◆ EXERCISE DIRECTIONS ◆
Beginning at the line containing "# 草图2 outside → 切除-拉伸1 (cut)", repeat each line below exactly up to and including the line containing "line L1 (-30, -24.75) -> (30, -24.75)". Do not repeat the pictures.

═════ AVAILABLE DATA

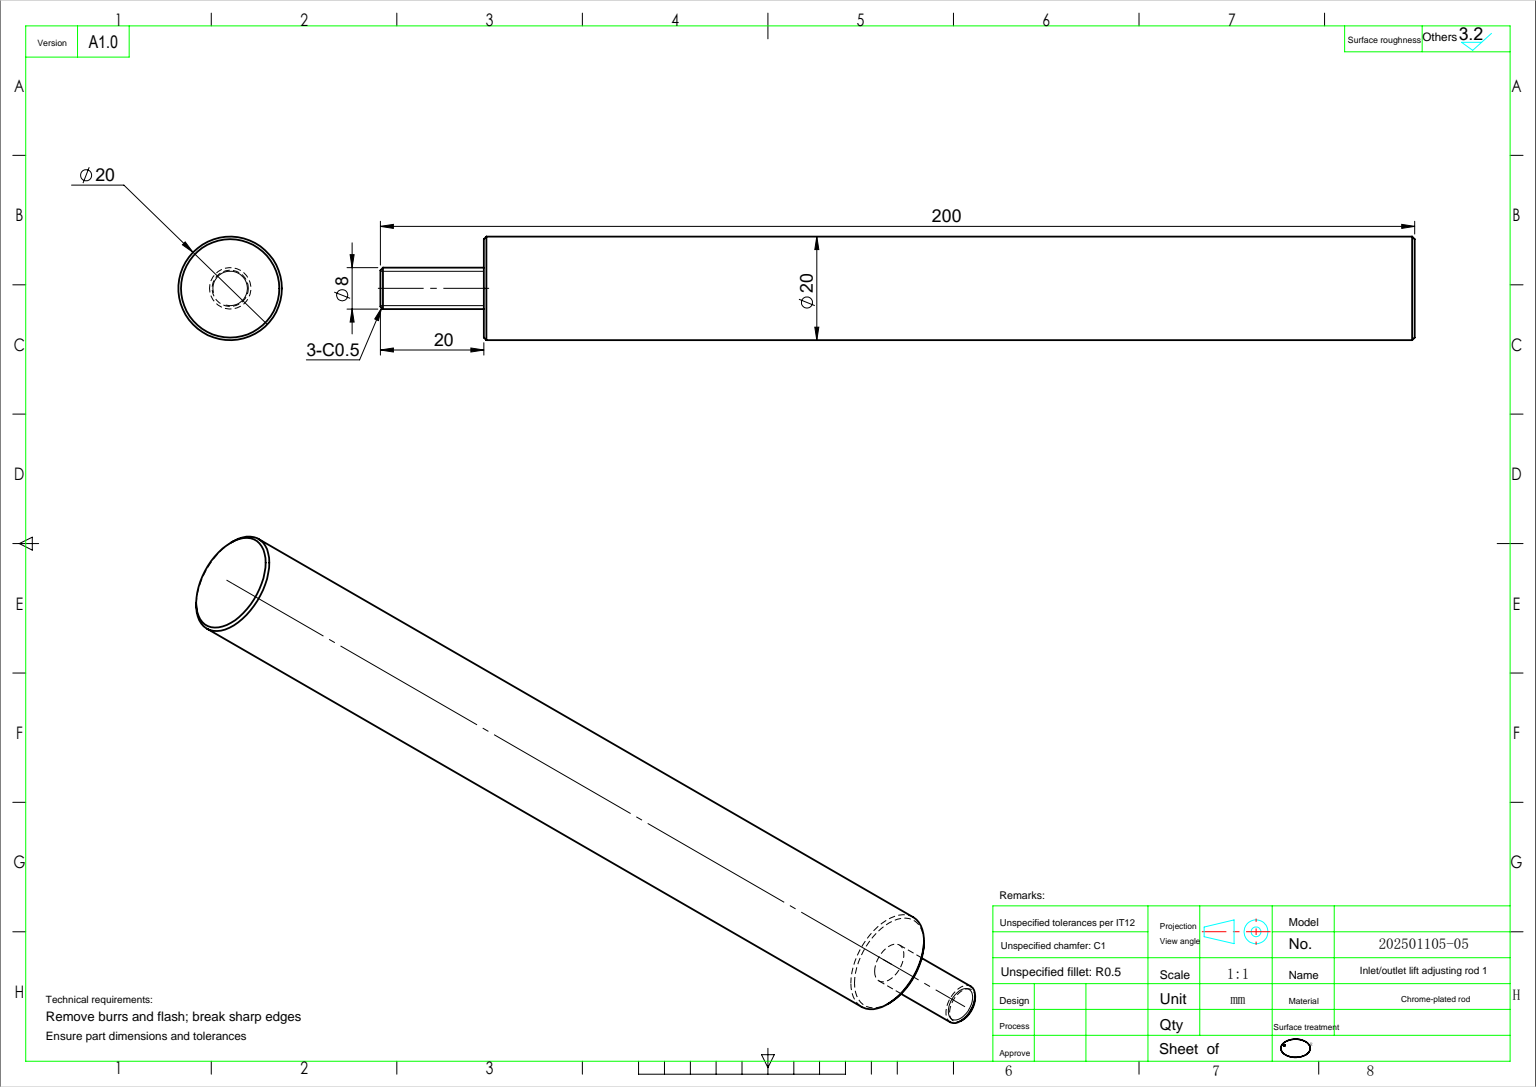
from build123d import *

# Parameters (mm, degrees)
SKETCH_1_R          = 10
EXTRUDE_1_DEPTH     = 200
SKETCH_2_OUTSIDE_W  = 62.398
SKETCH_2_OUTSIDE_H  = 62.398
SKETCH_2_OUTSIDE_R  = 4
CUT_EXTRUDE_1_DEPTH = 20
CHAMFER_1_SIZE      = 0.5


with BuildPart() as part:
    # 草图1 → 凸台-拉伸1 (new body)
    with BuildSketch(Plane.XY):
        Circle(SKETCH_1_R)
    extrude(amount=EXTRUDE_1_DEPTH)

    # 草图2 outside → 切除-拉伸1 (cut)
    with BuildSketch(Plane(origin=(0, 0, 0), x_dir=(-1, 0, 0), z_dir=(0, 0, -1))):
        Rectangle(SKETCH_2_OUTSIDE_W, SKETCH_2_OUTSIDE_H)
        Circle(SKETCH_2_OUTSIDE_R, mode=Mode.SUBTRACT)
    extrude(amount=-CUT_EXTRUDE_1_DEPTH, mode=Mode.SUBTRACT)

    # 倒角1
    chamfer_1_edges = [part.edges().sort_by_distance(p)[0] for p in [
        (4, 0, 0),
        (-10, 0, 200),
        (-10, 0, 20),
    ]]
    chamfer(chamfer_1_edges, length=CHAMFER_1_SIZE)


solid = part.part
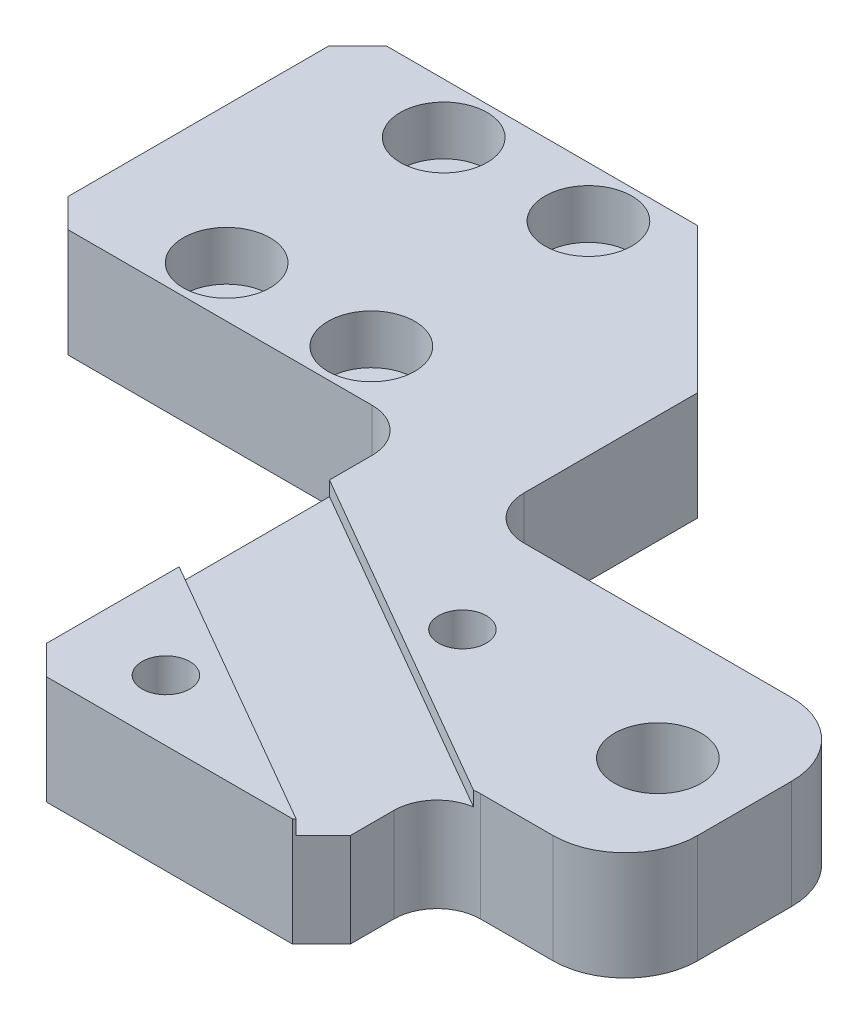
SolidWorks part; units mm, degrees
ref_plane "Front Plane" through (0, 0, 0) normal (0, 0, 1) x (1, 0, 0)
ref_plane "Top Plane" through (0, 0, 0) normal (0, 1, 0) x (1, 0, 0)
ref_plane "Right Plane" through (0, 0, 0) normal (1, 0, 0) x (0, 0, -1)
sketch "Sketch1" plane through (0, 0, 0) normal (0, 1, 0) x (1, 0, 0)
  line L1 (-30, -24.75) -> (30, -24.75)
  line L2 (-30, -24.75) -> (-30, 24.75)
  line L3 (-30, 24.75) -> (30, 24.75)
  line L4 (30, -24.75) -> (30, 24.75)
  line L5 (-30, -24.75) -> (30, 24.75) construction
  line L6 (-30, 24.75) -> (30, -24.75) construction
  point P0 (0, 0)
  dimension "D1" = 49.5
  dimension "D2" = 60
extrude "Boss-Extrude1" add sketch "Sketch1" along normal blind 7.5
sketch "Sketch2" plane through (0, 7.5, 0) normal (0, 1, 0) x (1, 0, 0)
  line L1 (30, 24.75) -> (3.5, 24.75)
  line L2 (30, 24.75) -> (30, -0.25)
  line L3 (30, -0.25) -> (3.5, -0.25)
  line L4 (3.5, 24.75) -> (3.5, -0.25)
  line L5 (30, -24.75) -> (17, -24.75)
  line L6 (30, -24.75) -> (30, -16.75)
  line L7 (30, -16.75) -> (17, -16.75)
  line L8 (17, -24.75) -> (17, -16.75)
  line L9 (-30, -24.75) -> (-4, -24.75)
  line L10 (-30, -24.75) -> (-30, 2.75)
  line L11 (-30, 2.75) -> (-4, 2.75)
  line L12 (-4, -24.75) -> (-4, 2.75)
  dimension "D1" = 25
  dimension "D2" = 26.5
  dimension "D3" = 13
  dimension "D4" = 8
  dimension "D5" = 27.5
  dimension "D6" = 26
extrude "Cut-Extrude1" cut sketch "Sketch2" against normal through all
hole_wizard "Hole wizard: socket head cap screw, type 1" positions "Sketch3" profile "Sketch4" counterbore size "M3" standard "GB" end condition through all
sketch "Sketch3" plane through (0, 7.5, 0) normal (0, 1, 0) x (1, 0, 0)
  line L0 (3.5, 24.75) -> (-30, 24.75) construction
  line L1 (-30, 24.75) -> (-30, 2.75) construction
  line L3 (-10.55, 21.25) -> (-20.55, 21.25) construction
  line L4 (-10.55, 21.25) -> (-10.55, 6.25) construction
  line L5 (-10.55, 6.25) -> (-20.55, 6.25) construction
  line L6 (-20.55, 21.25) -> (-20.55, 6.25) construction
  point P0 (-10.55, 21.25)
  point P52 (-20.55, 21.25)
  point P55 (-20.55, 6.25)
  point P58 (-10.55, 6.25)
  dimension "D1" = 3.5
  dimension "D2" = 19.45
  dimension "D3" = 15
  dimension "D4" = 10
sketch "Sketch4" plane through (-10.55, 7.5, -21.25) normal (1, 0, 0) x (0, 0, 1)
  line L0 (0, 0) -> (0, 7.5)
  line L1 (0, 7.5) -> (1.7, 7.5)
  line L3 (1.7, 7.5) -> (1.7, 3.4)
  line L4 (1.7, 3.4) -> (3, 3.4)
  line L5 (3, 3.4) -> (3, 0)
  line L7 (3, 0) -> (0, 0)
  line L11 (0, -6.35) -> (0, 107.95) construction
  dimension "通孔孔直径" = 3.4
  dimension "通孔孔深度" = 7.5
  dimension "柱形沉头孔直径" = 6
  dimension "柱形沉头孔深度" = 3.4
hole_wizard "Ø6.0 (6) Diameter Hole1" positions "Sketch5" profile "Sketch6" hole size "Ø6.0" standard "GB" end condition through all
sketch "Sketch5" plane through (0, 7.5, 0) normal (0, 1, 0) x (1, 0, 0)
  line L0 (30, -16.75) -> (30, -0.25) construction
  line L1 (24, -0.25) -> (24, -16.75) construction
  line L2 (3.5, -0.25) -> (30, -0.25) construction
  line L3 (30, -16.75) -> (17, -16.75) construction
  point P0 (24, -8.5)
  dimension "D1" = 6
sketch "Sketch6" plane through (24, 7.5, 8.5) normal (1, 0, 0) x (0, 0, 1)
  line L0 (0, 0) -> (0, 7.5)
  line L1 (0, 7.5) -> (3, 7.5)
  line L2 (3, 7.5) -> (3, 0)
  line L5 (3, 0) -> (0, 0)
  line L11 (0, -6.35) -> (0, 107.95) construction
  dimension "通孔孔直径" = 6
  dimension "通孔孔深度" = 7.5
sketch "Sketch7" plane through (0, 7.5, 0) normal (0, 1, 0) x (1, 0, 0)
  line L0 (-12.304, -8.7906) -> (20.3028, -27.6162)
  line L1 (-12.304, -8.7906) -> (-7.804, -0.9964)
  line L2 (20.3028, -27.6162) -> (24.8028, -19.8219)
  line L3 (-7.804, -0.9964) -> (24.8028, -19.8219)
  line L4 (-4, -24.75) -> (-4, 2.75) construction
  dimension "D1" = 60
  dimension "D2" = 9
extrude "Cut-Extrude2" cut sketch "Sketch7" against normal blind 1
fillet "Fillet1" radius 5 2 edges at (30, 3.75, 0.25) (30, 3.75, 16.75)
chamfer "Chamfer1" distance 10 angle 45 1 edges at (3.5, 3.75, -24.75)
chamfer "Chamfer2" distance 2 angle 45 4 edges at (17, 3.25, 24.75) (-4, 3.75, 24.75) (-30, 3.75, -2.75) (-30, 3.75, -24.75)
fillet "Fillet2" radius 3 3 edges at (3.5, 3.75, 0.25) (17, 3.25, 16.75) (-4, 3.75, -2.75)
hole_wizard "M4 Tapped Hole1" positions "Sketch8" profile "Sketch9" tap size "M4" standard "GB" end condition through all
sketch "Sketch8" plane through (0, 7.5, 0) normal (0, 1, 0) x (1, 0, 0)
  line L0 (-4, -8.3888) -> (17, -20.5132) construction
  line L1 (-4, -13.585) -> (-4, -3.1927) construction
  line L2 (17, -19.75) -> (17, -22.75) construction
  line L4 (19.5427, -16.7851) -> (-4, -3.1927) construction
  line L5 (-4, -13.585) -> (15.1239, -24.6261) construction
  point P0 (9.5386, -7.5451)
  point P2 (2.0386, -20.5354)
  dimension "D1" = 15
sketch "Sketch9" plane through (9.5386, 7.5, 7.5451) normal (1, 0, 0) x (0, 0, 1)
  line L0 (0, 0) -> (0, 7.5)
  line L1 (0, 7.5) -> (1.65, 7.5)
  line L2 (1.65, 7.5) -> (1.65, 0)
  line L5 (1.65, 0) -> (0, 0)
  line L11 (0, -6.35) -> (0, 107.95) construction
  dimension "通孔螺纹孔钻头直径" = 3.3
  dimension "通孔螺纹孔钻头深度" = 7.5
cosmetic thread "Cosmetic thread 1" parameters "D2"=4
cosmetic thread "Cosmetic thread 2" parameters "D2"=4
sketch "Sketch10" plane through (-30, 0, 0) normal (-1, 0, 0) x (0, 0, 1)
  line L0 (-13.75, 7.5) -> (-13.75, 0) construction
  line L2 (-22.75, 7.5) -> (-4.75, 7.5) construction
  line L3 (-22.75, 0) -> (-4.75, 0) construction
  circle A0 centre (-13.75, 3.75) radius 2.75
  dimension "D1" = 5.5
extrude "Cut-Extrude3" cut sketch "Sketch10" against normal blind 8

══════════

◆ RESPONSE AREA ◆
    # 草图2 outside → 切除-拉伸1 (cut)
    with BuildSketch(Plane(origin=(0, 0, 0), x_dir=(-1, 0, 0), z_dir=(0, 0, -1))):
        Rectangle(SKETCH_2_OUTSIDE_W, SKETCH_2_OUTSIDE_H)
        Circle(SKETCH_2_OUTSIDE_R, mode=Mode.SUBTRACT)
    extrude(amount=-CUT_EXTRUDE_1_DEPTH, mode=Mode.SUBTRACT)

    # 倒角1
    chamfer_1_edges = [part.edges().sort_by_distance(p)[0] for p in [
        (4, 0, 0),
        (-10, 0, 200),
        (-10, 0, 20),
    ]]
    chamfer(chamfer_1_edges, length=CHAMFER_1_SIZE)


solid = part.part
SolidWorks part; units mm, degrees
ref_plane "Front Plane" through (0, 0, 0) normal (0, 0, 1) x (1, 0, 0)
ref_plane "Top Plane" through (0, 0, 0) normal (0, 1, 0) x (1, 0, 0)
ref_plane "Right Plane" through (0, 0, 0) normal (1, 0, 0) x (0, 0, -1)
sketch "Sketch1" plane through (0, 0, 0) normal (0, 1, 0) x (1, 0, 0)
  line L1 (-30, -24.75) -> (30, -24.75)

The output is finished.